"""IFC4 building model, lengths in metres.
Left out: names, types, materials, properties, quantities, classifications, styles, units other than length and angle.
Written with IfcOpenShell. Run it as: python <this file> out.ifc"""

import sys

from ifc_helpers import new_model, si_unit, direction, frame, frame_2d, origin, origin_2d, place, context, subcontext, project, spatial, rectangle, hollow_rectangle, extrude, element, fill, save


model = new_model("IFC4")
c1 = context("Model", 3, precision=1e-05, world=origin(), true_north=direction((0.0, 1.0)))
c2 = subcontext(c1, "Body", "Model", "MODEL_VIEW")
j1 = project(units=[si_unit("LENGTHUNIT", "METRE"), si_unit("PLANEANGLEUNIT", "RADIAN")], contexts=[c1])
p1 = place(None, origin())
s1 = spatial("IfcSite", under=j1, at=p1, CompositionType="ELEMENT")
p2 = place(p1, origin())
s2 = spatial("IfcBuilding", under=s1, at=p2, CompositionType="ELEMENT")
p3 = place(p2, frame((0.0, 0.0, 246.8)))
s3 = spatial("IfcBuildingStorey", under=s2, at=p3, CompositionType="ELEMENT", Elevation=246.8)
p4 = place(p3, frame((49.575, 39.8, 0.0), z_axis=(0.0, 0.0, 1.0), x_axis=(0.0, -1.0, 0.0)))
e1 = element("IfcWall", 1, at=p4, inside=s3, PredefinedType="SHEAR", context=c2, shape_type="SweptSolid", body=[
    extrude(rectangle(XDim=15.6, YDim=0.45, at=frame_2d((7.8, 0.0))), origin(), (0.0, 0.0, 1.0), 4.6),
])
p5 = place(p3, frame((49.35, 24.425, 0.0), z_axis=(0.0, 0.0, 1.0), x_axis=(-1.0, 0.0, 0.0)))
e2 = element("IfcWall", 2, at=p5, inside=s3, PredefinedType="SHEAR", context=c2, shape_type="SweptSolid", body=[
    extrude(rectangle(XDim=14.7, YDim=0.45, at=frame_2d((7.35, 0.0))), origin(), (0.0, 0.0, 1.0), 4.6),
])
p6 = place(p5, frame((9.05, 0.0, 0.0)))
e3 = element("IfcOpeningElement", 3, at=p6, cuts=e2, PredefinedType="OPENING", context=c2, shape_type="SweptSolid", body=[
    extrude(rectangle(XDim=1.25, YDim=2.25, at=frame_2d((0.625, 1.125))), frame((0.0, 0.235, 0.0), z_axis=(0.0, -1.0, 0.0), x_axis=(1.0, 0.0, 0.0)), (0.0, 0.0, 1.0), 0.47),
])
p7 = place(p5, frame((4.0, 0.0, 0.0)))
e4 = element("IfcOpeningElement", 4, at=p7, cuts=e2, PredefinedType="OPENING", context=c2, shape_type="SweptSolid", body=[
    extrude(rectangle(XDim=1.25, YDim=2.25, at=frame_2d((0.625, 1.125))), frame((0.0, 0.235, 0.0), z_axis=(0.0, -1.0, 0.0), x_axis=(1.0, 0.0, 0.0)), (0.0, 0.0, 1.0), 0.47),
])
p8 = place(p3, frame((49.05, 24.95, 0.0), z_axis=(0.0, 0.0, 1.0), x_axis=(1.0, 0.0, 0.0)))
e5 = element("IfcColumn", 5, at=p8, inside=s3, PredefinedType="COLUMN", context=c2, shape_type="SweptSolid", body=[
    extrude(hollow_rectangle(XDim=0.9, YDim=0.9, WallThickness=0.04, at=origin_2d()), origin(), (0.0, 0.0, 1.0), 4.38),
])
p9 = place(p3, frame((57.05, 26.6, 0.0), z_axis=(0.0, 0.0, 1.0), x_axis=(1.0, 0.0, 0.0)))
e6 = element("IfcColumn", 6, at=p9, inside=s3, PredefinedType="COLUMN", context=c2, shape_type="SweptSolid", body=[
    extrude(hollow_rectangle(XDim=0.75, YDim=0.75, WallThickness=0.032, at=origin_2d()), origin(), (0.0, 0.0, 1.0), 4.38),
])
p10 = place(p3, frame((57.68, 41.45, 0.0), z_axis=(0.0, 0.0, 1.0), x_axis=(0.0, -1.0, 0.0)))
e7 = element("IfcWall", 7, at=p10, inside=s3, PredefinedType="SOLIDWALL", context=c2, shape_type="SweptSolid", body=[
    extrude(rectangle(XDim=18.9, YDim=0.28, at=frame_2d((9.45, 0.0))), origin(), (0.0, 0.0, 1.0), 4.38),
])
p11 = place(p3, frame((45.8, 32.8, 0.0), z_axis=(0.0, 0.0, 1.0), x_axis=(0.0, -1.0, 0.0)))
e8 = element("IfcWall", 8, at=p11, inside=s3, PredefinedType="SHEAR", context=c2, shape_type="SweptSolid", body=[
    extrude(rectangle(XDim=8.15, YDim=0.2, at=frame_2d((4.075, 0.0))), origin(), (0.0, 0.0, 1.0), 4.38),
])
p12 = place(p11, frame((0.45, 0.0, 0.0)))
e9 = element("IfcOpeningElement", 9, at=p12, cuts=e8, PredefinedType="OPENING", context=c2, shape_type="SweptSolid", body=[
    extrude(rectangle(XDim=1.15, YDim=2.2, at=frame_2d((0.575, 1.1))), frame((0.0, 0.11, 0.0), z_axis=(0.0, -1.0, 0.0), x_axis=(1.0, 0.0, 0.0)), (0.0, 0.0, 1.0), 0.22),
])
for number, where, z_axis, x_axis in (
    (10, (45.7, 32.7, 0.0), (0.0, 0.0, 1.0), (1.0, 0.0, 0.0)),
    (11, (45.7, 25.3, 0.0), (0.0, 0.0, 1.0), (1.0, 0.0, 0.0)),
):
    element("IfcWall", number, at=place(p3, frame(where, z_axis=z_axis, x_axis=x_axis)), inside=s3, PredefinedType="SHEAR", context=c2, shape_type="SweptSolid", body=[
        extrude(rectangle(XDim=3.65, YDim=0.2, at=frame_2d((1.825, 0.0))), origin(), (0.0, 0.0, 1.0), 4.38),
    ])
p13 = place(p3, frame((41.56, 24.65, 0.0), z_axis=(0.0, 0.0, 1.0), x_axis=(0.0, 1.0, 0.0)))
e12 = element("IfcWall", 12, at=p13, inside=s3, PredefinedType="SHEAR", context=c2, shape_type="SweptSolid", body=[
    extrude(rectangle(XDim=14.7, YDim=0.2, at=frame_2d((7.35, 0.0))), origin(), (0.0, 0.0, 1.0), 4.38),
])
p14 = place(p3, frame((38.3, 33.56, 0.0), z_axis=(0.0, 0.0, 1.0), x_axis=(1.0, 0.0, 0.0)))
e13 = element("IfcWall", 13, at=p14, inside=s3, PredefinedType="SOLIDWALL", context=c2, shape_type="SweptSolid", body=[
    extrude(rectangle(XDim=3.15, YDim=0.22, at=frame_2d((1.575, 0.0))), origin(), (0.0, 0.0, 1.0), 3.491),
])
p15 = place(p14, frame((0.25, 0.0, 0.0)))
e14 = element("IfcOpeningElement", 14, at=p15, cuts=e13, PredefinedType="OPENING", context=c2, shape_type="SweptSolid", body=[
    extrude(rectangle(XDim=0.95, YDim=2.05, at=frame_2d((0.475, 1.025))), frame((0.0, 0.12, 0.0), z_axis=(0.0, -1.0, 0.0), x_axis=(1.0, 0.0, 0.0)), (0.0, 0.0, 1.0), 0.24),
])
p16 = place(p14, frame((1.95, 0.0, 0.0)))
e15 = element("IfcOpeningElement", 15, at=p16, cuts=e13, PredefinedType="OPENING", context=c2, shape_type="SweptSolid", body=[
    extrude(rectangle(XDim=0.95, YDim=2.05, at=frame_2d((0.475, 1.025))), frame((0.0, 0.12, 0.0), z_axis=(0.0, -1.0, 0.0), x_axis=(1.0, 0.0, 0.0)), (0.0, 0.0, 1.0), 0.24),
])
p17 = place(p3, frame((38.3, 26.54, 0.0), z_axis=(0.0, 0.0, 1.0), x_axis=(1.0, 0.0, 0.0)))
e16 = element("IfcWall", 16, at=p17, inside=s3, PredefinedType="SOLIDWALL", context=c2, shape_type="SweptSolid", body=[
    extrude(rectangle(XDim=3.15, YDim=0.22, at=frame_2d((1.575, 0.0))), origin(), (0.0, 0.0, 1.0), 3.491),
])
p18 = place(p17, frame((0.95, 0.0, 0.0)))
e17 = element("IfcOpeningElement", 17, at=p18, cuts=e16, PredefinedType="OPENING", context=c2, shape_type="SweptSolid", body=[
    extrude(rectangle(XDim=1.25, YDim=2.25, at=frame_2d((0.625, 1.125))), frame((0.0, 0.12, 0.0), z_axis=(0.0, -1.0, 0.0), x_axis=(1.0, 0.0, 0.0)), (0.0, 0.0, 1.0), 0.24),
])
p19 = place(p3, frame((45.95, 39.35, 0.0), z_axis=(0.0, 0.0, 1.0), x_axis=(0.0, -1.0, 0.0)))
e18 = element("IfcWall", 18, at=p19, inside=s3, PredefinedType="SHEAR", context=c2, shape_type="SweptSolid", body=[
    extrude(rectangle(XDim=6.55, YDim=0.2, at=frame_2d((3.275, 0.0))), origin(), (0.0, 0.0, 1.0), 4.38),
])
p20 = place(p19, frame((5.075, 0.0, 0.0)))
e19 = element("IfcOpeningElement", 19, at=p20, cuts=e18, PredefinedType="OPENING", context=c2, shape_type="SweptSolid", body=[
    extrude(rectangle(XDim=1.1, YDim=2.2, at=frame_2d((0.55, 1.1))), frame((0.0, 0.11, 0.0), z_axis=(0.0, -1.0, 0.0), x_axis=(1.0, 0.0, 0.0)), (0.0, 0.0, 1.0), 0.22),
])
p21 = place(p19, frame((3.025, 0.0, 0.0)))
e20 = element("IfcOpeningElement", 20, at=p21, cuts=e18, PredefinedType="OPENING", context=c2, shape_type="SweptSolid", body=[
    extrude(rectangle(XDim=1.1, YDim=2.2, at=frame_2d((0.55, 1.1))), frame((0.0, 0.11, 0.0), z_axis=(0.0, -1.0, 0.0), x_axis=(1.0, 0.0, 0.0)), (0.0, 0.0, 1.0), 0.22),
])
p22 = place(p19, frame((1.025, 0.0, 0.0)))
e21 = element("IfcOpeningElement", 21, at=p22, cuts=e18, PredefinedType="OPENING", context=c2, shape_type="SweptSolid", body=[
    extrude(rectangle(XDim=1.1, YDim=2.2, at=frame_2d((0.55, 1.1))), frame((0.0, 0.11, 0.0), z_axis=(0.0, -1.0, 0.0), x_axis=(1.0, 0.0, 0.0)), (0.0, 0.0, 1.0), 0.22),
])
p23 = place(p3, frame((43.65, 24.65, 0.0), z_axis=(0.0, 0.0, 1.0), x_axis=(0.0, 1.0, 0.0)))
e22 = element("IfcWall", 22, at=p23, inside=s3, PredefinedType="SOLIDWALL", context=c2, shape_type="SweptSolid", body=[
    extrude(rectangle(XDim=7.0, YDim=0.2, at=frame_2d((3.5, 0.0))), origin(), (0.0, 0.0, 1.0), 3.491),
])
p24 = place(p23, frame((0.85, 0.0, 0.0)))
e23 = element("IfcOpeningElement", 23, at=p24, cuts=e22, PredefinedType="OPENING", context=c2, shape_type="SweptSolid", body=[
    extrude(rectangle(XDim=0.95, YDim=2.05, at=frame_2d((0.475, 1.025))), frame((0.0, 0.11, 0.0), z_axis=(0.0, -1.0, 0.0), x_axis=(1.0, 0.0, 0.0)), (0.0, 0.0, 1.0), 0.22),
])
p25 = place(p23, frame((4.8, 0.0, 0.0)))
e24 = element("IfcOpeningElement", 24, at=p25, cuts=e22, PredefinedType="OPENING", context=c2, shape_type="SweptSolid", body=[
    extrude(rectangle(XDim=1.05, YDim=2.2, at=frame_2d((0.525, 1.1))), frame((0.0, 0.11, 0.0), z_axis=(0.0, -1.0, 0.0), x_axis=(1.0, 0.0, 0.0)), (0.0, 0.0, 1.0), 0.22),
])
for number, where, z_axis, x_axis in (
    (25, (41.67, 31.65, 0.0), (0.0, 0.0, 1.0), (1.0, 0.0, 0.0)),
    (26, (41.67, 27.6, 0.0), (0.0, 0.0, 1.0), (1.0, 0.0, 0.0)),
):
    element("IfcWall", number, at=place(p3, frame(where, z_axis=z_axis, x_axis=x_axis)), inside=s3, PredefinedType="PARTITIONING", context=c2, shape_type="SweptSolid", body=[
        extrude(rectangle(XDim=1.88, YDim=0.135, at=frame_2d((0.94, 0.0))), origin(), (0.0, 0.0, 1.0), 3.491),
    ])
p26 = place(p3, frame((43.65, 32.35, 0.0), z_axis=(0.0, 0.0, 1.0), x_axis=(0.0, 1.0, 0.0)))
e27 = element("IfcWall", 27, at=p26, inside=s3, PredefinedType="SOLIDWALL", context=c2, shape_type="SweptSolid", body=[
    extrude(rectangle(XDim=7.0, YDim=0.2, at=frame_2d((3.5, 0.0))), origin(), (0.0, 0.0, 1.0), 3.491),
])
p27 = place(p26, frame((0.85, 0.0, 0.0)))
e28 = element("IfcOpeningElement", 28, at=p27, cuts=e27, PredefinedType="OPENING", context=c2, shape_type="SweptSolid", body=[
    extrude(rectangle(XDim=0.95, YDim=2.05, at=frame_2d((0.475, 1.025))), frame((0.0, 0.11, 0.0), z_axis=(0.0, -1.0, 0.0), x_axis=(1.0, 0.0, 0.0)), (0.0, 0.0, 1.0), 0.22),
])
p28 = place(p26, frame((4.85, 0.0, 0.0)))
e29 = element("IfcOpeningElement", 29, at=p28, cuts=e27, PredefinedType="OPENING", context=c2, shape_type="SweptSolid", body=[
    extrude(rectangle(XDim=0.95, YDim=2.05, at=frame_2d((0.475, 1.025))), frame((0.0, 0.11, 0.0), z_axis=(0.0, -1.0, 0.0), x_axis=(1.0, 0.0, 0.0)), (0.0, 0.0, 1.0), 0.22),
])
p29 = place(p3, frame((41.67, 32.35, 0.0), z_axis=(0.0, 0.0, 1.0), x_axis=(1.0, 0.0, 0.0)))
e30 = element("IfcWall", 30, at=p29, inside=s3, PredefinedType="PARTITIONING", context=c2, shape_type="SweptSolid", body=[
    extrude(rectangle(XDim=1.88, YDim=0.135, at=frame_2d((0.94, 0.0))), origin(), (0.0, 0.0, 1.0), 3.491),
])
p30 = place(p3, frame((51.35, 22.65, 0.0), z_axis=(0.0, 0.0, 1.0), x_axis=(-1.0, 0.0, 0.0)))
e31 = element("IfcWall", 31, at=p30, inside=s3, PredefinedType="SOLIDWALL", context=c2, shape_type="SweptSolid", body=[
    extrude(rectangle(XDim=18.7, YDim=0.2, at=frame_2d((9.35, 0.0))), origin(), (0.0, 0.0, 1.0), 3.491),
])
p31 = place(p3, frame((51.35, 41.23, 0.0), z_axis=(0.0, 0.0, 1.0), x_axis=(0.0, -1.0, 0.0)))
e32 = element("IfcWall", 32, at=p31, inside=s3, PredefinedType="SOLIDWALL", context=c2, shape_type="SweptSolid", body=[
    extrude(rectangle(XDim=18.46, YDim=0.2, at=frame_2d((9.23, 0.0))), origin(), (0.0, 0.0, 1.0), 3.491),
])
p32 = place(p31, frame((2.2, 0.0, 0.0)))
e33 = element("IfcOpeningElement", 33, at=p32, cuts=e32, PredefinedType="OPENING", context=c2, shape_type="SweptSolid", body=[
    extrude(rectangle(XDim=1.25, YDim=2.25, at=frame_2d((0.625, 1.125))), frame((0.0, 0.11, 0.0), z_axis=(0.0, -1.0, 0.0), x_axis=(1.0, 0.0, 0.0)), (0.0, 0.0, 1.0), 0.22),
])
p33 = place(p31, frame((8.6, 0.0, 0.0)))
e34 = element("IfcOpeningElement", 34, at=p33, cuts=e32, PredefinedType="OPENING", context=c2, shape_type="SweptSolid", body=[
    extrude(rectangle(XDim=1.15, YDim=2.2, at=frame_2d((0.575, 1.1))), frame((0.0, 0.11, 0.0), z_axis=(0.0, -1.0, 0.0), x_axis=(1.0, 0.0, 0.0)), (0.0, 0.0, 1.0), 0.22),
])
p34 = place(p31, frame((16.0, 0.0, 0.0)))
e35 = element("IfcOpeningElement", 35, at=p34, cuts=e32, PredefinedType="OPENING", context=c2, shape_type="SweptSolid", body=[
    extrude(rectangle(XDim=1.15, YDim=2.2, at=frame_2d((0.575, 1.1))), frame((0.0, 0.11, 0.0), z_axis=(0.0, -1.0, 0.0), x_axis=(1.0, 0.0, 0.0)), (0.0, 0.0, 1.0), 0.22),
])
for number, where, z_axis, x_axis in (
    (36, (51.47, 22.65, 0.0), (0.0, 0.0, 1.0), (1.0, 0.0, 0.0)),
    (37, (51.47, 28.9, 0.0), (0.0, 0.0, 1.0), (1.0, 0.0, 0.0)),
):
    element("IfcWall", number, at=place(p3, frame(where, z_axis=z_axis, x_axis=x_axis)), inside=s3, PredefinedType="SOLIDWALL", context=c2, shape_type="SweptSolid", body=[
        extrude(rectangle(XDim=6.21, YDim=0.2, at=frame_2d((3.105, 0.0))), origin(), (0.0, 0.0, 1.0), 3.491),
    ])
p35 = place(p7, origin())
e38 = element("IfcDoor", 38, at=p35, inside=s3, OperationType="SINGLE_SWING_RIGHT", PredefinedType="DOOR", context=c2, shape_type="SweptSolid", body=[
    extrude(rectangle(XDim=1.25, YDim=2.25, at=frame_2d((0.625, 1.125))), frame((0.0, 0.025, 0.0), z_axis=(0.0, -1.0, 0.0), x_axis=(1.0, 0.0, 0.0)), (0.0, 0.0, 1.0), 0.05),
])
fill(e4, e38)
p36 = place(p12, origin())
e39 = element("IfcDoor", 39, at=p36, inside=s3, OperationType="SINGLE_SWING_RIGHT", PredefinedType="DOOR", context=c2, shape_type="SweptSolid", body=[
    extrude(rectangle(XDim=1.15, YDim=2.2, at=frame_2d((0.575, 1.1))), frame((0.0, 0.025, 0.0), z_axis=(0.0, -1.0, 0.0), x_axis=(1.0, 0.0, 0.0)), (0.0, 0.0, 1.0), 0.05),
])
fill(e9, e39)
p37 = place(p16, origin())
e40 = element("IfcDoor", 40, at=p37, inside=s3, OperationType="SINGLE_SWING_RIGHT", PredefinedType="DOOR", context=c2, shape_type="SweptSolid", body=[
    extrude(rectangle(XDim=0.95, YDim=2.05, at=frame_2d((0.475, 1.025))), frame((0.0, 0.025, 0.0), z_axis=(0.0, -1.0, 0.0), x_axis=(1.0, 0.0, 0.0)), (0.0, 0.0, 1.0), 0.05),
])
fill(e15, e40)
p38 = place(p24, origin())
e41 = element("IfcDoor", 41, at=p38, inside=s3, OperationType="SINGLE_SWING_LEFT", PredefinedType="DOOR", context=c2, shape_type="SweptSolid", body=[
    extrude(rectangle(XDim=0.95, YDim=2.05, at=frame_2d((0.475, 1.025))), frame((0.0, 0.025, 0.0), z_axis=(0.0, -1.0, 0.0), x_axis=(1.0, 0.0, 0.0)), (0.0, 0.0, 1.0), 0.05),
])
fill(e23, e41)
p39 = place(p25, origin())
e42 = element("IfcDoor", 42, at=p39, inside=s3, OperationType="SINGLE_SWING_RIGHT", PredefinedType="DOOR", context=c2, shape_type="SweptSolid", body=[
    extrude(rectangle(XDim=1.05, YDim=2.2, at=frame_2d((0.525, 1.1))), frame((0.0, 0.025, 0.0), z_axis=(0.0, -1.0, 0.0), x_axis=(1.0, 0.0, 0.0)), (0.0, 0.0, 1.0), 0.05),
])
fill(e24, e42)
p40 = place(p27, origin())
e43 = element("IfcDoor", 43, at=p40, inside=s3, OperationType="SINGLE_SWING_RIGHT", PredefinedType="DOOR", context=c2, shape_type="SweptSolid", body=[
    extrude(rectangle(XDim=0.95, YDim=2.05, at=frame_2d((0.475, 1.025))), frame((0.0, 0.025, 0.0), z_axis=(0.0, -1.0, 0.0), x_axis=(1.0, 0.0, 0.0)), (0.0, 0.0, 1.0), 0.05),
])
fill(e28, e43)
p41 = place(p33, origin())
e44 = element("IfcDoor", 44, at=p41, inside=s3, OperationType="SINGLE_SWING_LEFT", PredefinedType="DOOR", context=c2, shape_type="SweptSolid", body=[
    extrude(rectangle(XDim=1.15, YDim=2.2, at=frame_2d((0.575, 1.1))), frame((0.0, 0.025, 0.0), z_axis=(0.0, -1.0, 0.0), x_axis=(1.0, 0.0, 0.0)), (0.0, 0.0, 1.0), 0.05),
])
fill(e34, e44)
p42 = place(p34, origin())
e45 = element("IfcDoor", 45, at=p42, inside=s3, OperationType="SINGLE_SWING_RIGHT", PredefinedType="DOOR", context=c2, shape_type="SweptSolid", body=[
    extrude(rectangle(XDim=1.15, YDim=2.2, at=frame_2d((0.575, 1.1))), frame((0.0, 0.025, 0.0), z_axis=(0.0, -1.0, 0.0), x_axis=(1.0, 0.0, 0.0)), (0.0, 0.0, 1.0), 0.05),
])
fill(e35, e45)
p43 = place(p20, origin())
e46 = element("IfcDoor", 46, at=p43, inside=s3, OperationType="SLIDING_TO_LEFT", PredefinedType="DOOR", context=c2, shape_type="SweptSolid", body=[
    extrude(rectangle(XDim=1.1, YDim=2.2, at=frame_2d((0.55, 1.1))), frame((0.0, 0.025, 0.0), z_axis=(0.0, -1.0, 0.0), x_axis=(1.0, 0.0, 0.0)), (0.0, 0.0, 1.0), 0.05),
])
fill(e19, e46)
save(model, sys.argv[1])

WHAT YOU WILL DO >> The first line of the records and every line down to the line with "p6 = place(p5, frame((9.05, 0.0, 0.0)))" must be quoted exactly; leave out all else.

EXERCISE ANSWER >>
"""IFC4 building model, lengths in metres.
Left out: names, types, materials, properties, quantities, classifications, styles, units other than length and angle.
Written with IfcOpenShell. Run it as: python <this file> out.ifc"""

import sys

from ifc_helpers import new_model, si_unit, direction, frame, frame_2d, origin, origin_2d, place, context, subcontext, project, spatial, rectangle, hollow_rectangle, extrude, element, fill, save


model = new_model("IFC4")
c1 = context("Model", 3, precision=1e-05, world=origin(), true_north=direction((0.0, 1.0)))
c2 = subcontext(c1, "Body", "Model", "MODEL_VIEW")
j1 = project(units=[si_unit("LENGTHUNIT", "METRE"), si_unit("PLANEANGLEUNIT", "RADIAN")], contexts=[c1])
p1 = place(None, origin())
s1 = spatial("IfcSite", under=j1, at=p1, CompositionType="ELEMENT")
p2 = place(p1, origin())
s2 = spatial("IfcBuilding", under=s1, at=p2, CompositionType="ELEMENT")
p3 = place(p2, frame((0.0, 0.0, 246.8)))
s3 = spatial("IfcBuildingStorey", under=s2, at=p3, CompositionType="ELEMENT", Elevation=246.8)
p4 = place(p3, frame((49.575, 39.8, 0.0), z_axis=(0.0, 0.0, 1.0), x_axis=(0.0, -1.0, 0.0)))
e1 = element("IfcWall", 1, at=p4, inside=s3, PredefinedType="SHEAR", context=c2, shape_type="SweptSolid", body=[
    extrude(rectangle(XDim=15.6, YDim=0.45, at=frame_2d((7.8, 0.0))), origin(), (0.0, 0.0, 1.0), 4.6),
])
p5 = place(p3, frame((49.35, 24.425, 0.0), z_axis=(0.0, 0.0, 1.0), x_axis=(-1.0, 0.0, 0.0)))
e2 = element("IfcWall", 2, at=p5, inside=s3, PredefinedType="SHEAR", context=c2, shape_type="SweptSolid", body=[
    extrude(rectangle(XDim=14.7, YDim=0.45, at=frame_2d((7.35, 0.0))), origin(), (0.0, 0.0, 1.0), 4.6),
])
p6 = place(p5, frame((9.05, 0.0, 0.0)))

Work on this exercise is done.